Using the entries that follow, collect the lines where the word "PARTITIONING" appears.
Start of Block
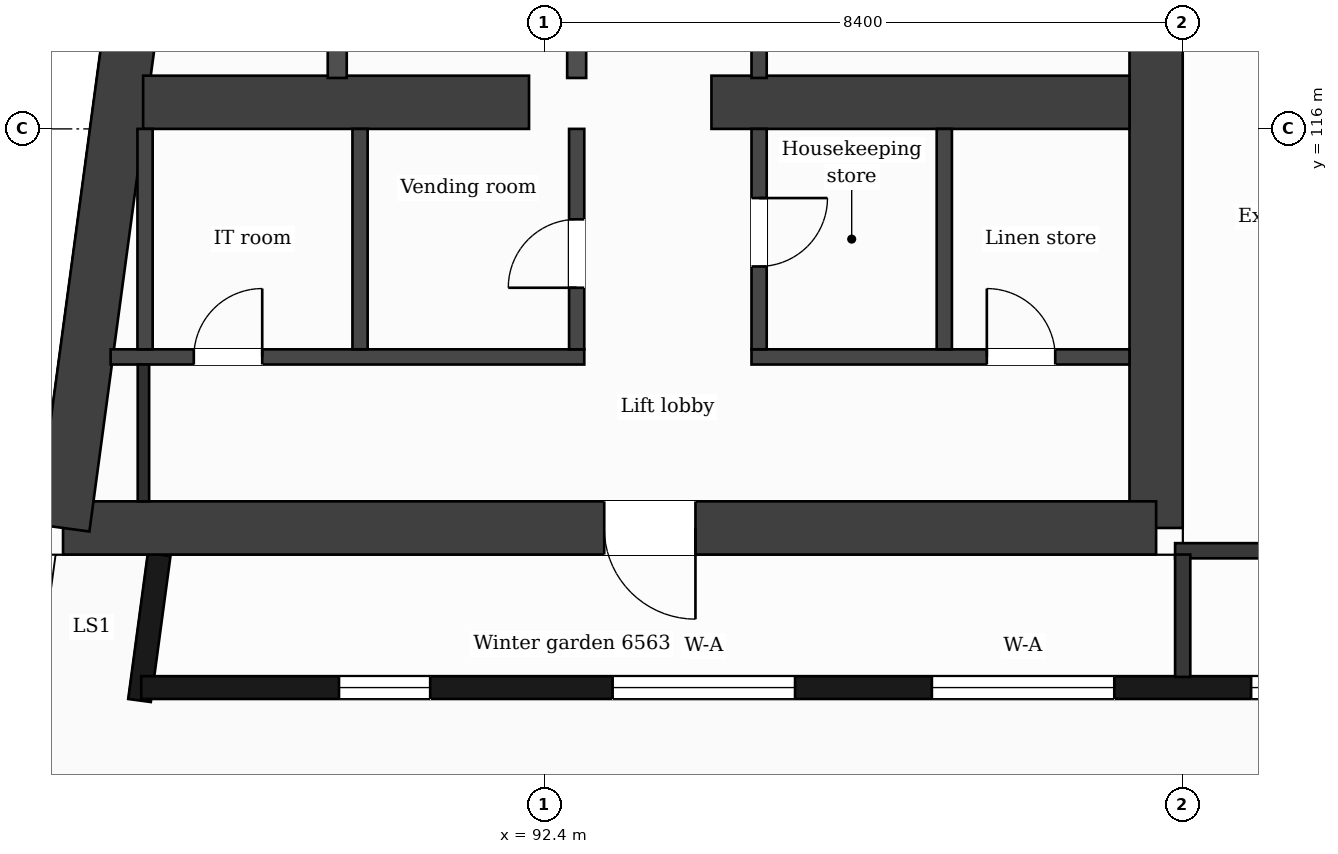
"""IFC4 building model, lengths in metres.
Left out: names, types, materials, properties, quantities, classifications, styles, units other than length and angle.
Written with IfcOpenShell. Run it as: python <this file> out.ifc"""

import sys

from ifc_helpers import new_model, si_unit, direction, frame, frame_2d, origin, place, context, subcontext, project, spatial, rectangle, extrude, element, fill, save


model = new_model("IFC4")
c1 = context("Model", 3, precision=1e-05, world=origin(), true_north=direction((0.0, 1.0)))
c2 = subcontext(c1, "Body", "Model", "MODEL_VIEW")
j1 = project(units=[si_unit("LENGTHUNIT", "METRE"), si_unit("PLANEANGLEUNIT", "RADIAN")], contexts=[c1])
p1 = place(None, origin())
s1 = spatial("IfcSite", under=j1, at=p1, CompositionType="ELEMENT")
p2 = place(p1, origin())
s2 = spatial("IfcBuilding", under=s1, at=p2, CompositionType="ELEMENT")
p3 = place(p2, frame((0.0, 0.0, 270.1)))
s3 = spatial("IfcBuildingStorey", under=s2, at=p3, CompositionType="ELEMENT", Elevation=270.1)
p4 = place(p3, frame((100.45, 132.05, 0.0), z_axis=(0.0, 0.0, 1.0), x_axis=(0.0, -1.0, 0.0)))
e1 = element("IfcWall", 1, at=p4, inside=s3, PredefinedType="SHEAR", context=c2, shape_type="SweptSolid", body=[
    extrude(rectangle(XDim=21.3, YDim=0.7, at=frame_2d((10.65, 0.0))), origin(), (0.0, 0.0, 1.0), 3.7),
])
p5 = place(p4, frame((7.9, 0.0, 0.0)))
e2 = element("IfcOpeningElement", 2, at=p5, cuts=e1, PredefinedType="OPENING", context=c2, shape_type="SweptSolid", body=[
    extrude(rectangle(XDim=1.4, YDim=2.1, at=frame_2d((0.7, 1.05))), frame((0.0, 0.36, 0.0), z_axis=(0.0, -1.0, 0.0), x_axis=(1.0, 0.0, 0.0)), (0.0, 0.0, 1.0), 0.72),
])
p6 = place(p3, frame((100.45, 110.75, 0.0), z_axis=(0.0, 0.0, 1.0), x_axis=(-1.0, 0.0, 0.0)))
e3 = element("IfcWall", 3, at=p6, inside=s3, PredefinedType="SHEAR", context=c2, shape_type="SweptSolid", body=[
    extrude(rectangle(XDim=14.38, YDim=0.7, at=frame_2d((7.19, 0.0))), origin(), (0.0, 0.0, 1.0), 3.7),
])
p7 = place(p6, frame((6.06, 0.0, 0.0)))
e4 = element("IfcOpeningElement", 4, at=p7, cuts=e3, PredefinedType="OPENING", context=c2, shape_type="SweptSolid", body=[
    extrude(rectangle(XDim=1.2, YDim=2.1, at=frame_2d((0.6, 1.05))), frame((0.0, 0.36, 0.0), z_axis=(0.0, -1.0, 0.0), x_axis=(1.0, 0.0, 0.0)), (0.0, 0.0, 1.0), 0.72),
])
p8 = place(p3, frame((86.07, 110.75, 0.0), z_axis=(0.0, 0.0, 1.0), x_axis=(0.133406218907, 0.991061441464, 0.0)))
e5 = element("IfcWall", 5, at=p8, inside=s3, PredefinedType="SHEAR", context=c2, shape_type="SweptSolid", body=[
    extrude(rectangle(XDim=21.492, YDim=0.7, at=frame_2d((10.746, 0.0))), origin(), (0.0, 0.0, 1.0), 3.7),
])
p9 = place(p3, frame((87.123, 116.35, 0.0), z_axis=(0.0, 0.0, 1.0), x_axis=(1.0, 0.0, 0.0)))
e6 = element("IfcWall", 6, at=p9, inside=s3, PredefinedType="SHEAR", context=c2, shape_type="SweptSolid", body=[
    extrude(rectangle(XDim=5.077, YDim=0.7, at=frame_2d((2.539, 0.0))), origin(), (0.0, 0.0, 1.0), 3.7),
])
p10 = place(p3, frame((94.6, 116.35, 0.0), z_axis=(0.0, 0.0, 1.0), x_axis=(1.0, 0.0, 0.0)))
e7 = element("IfcWall", 7, at=p10, inside=s3, PredefinedType="SHEAR", context=c2, shape_type="SweptSolid", body=[
    extrude(rectangle(XDim=5.5, YDim=0.7, at=frame_2d((2.75, 0.0))), origin(), (0.0, 0.0, 1.0), 3.7),
])
p11 = place(p3, frame((87.334, 110.4, 0.0), z_axis=(0.0, 0.0, 1.0), x_axis=(-0.13345962011, -0.991054251694, 0.0)))
e8 = element("IfcWall", 8, at=p11, inside=s3, PredefinedType="SOLIDWALL", context=c2, shape_type="SweptSolid", body=[
    extrude(rectangle(XDim=1.937, YDim=0.3, at=frame_2d((0.969, 0.0))), origin(), (0.0, 0.0, 1.0), 3.38),
])
p12 = place(p3, frame((87.099, 108.65, 0.0), z_axis=(0.0, 0.0, 1.0), x_axis=(1.0, 0.0, 0.0)))
e9 = element("IfcWall", 9, at=p12, inside=s3, PredefinedType="SOLIDWALL", context=c2, shape_type="SweptSolid", body=[
    extrude(rectangle(XDim=52.774, YDim=0.3, at=frame_2d((26.387, 0.0))), origin(), (0.0, 0.0, 1.0), 3.38),
])
p13 = place(p12, frame((2.602, 0.0, 0.9)))
e10 = element("IfcOpeningElement", 10, at=p13, cuts=e9, PredefinedType="OPENING", context=c2, shape_type="SweptSolid", body=[
    extrude(rectangle(XDim=1.2, YDim=2.1, at=frame_2d((0.6, 1.05))), frame((0.0, 0.16, 0.0), z_axis=(0.0, -1.0, 0.0), x_axis=(1.0, 0.0, 0.0)), (0.0, 0.0, 1.0), 0.32),
])
p14 = place(p12, frame((6.201, 0.0, 0.9)))
e11 = element("IfcOpeningElement", 11, at=p14, cuts=e9, PredefinedType="OPENING", context=c2, shape_type="SweptSolid", body=[
    extrude(rectangle(XDim=2.4, YDim=2.1, at=frame_2d((1.2, 1.05))), frame((0.0, 0.16, 0.0), z_axis=(0.0, -1.0, 0.0), x_axis=(1.0, 0.0, 0.0)), (0.0, 0.0, 1.0), 0.32),
])
p15 = place(p12, frame((10.401, 0.0, 0.9)))
e12 = element("IfcOpeningElement", 12, at=p15, cuts=e9, PredefinedType="OPENING", context=c2, shape_type="SweptSolid", body=[
    extrude(rectangle(XDim=2.4, YDim=2.1, at=frame_2d((1.2, 1.05))), frame((0.0, 0.16, 0.0), z_axis=(0.0, -1.0, 0.0), x_axis=(1.0, 0.0, 0.0)), (0.0, 0.0, 1.0), 0.32),
])
p16 = place(p12, frame((14.602, 0.0, 0.9)))
e13 = element("IfcOpeningElement", 13, at=p16, cuts=e9, PredefinedType="OPENING", context=c2, shape_type="SweptSolid", body=[
    extrude(rectangle(XDim=2.4, YDim=2.1, at=frame_2d((1.2, 1.05))), frame((0.0, 0.16, 0.0), z_axis=(0.0, -1.0, 0.0), x_axis=(1.0, 0.0, 0.0)), (0.0, 0.0, 1.0), 0.32),
])
p17 = place(p12, frame((18.802, 0.0, 0.9)))
e14 = element("IfcOpeningElement", 14, at=p17, cuts=e9, PredefinedType="OPENING", context=c2, shape_type="SweptSolid", body=[
    extrude(rectangle(XDim=2.4, YDim=2.1, at=frame_2d((1.2, 1.05))), frame((0.0, 0.16, 0.0), z_axis=(0.0, -1.0, 0.0), x_axis=(1.0, 0.0, 0.0)), (0.0, 0.0, 1.0), 0.32),
])
p18 = place(p12, frame((23.001, 0.0, 0.9)))
e15 = element("IfcOpeningElement", 15, at=p18, cuts=e9, PredefinedType="OPENING", context=c2, shape_type="SweptSolid", body=[
    extrude(rectangle(XDim=2.4, YDim=2.1, at=frame_2d((1.2, 1.05))), frame((0.0, 0.16, 0.0), z_axis=(0.0, -1.0, 0.0), x_axis=(1.0, 0.0, 0.0)), (0.0, 0.0, 1.0), 0.32),
])
p19 = place(p12, frame((27.802, 0.0, 0.9)))
e16 = element("IfcOpeningElement", 16, at=p19, cuts=e9, PredefinedType="OPENING", context=c2, shape_type="SweptSolid", body=[
    extrude(rectangle(XDim=1.2, YDim=2.1, at=frame_2d((0.6, 1.05))), frame((0.0, 0.16, 0.0), z_axis=(0.0, -1.0, 0.0), x_axis=(1.0, 0.0, 0.0)), (0.0, 0.0, 1.0), 0.32),
])
p20 = place(p12, frame((32.001, 0.0, 0.9)))
e17 = element("IfcOpeningElement", 17, at=p20, cuts=e9, PredefinedType="OPENING", context=c2, shape_type="SweptSolid", body=[
    extrude(rectangle(XDim=1.2, YDim=2.1, at=frame_2d((0.6, 1.05))), frame((0.0, 0.16, 0.0), z_axis=(0.0, -1.0, 0.0), x_axis=(1.0, 0.0, 0.0)), (0.0, 0.0, 1.0), 0.32),
])
p21 = place(p12, frame((35.302, 0.0, 0.0)))
e18 = element("IfcOpeningElement", 18, at=p21, cuts=e9, PredefinedType="OPENING", context=c2, shape_type="SweptSolid", body=[
    extrude(rectangle(XDim=1.2, YDim=2.4, at=frame_2d((0.6, 1.2))), frame((0.0, 0.16, 0.0), z_axis=(0.0, -1.0, 0.0), x_axis=(1.0, 0.0, 0.0)), (0.0, 0.0, 1.0), 0.32),
])
p22 = place(p12, frame((37.102, 0.0, 0.9)))
e19 = element("IfcOpeningElement", 19, at=p22, cuts=e9, PredefinedType="OPENING", context=c2, shape_type="SweptSolid", body=[
    extrude(rectangle(XDim=1.2, YDim=2.1, at=frame_2d((0.6, 1.05))), frame((0.0, 0.16, 0.0), z_axis=(0.0, -1.0, 0.0), x_axis=(1.0, 0.0, 0.0)), (0.0, 0.0, 1.0), 0.32),
])
p23 = place(p12, frame((39.802, 0.0, 0.9)))
e20 = element("IfcOpeningElement", 20, at=p23, cuts=e9, PredefinedType="OPENING", context=c2, shape_type="SweptSolid", body=[
    extrude(rectangle(XDim=2.4, YDim=2.1, at=frame_2d((1.2, 1.05))), frame((0.0, 0.16, 0.0), z_axis=(0.0, -1.0, 0.0), x_axis=(1.0, 0.0, 0.0)), (0.0, 0.0, 1.0), 0.32),
])
p24 = place(p12, frame((43.701, 0.0, 0.0)))
e21 = element("IfcOpeningElement", 21, at=p24, cuts=e9, PredefinedType="OPENING", context=c2, shape_type="SweptSolid", body=[
    extrude(rectangle(XDim=1.2, YDim=2.4, at=frame_2d((0.6, 1.2))), frame((0.0, 0.16, 0.0), z_axis=(0.0, -1.0, 0.0), x_axis=(1.0, 0.0, 0.0)), (0.0, 0.0, 1.0), 0.32),
])
p25 = place(p12, frame((45.501, 0.0, 0.9)))
e22 = element("IfcOpeningElement", 22, at=p25, cuts=e9, PredefinedType="OPENING", context=c2, shape_type="SweptSolid", body=[
    extrude(rectangle(XDim=1.2, YDim=2.1, at=frame_2d((0.6, 1.05))), frame((0.0, 0.16, 0.0), z_axis=(0.0, -1.0, 0.0), x_axis=(1.0, 0.0, 0.0)), (0.0, 0.0, 1.0), 0.32),
])
p26 = place(p12, frame((48.201, 0.0, 0.9)))
e23 = element("IfcOpeningElement", 23, at=p26, cuts=e9, PredefinedType="OPENING", context=c2, shape_type="SweptSolid", body=[
    extrude(rectangle(XDim=2.4, YDim=2.1, at=frame_2d((1.2, 1.05))), frame((0.0, 0.16, 0.0), z_axis=(0.0, -1.0, 0.0), x_axis=(1.0, 0.0, 0.0)), (0.0, 0.0, 1.0), 0.32),
])
p27 = place(p3, frame((100.7, 110.45, 0.0), z_axis=(0.0, 0.0, 1.0), x_axis=(1.0, 0.0, 0.0)))
e24 = element("IfcWall", 24, at=p27, inside=s3, PredefinedType="PARTITIONING", context=c2, shape_type="SweptSolid", body=[
    extrude(rectangle(XDim=25.4, YDim=0.2, at=frame_2d((12.7, 0.0))), origin(), (0.0, 0.0, 1.0), 3.38),
])
p28 = place(p3, frame((86.696, 113.0, 0.0), z_axis=(0.0, 0.0, 1.0), x_axis=(1.0, 0.0, 0.0)))
e25 = element("IfcWall", 25, at=p28, inside=s3, PredefinedType="PARTITIONING", context=c2, shape_type="SweptSolid", body=[
    extrude(rectangle(XDim=6.231, YDim=0.2, at=frame_2d((3.116, 0.0))), origin(), (0.0, 0.0, 1.0), 3.38),
])
p29 = place(p28, frame((1.094, 0.0, 0.0)))
e26 = element("IfcOpeningElement", 26, at=p29, cuts=e25, PredefinedType="OPENING", context=c2, shape_type="SweptSolid", body=[
    extrude(rectangle(XDim=0.9, YDim=2.1, at=frame_2d((0.45, 1.05))), frame((0.0, 0.11, 0.0), z_axis=(0.0, -1.0, 0.0), x_axis=(1.0, 0.0, 0.0)), (0.0, 0.0, 1.0), 0.22),
])
p30 = place(p3, frame((95.127, 113.0, 0.0), z_axis=(0.0, 0.0, 1.0), x_axis=(1.0, 0.0, 0.0)))
e27 = element("IfcWall", 27, at=p30, inside=s3, PredefinedType="PARTITIONING", context=c2, shape_type="SweptSolid", body=[
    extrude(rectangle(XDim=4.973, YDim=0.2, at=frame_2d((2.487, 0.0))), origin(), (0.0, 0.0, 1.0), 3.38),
End of Block
Result of this task
e24 = element("IfcWall", 24, at=p27, inside=s3, PredefinedType="PARTITIONING", context=c2, shape_type="SweptSolid", body=[
e25 = element("IfcWall", 25, at=p28, inside=s3, PredefinedType="PARTITIONING", context=c2, shape_type="SweptSolid", body=[
e27 = element("IfcWall", 27, at=p30, inside=s3, PredefinedType="PARTITIONING", context=c2, shape_type="SweptSolid", body=[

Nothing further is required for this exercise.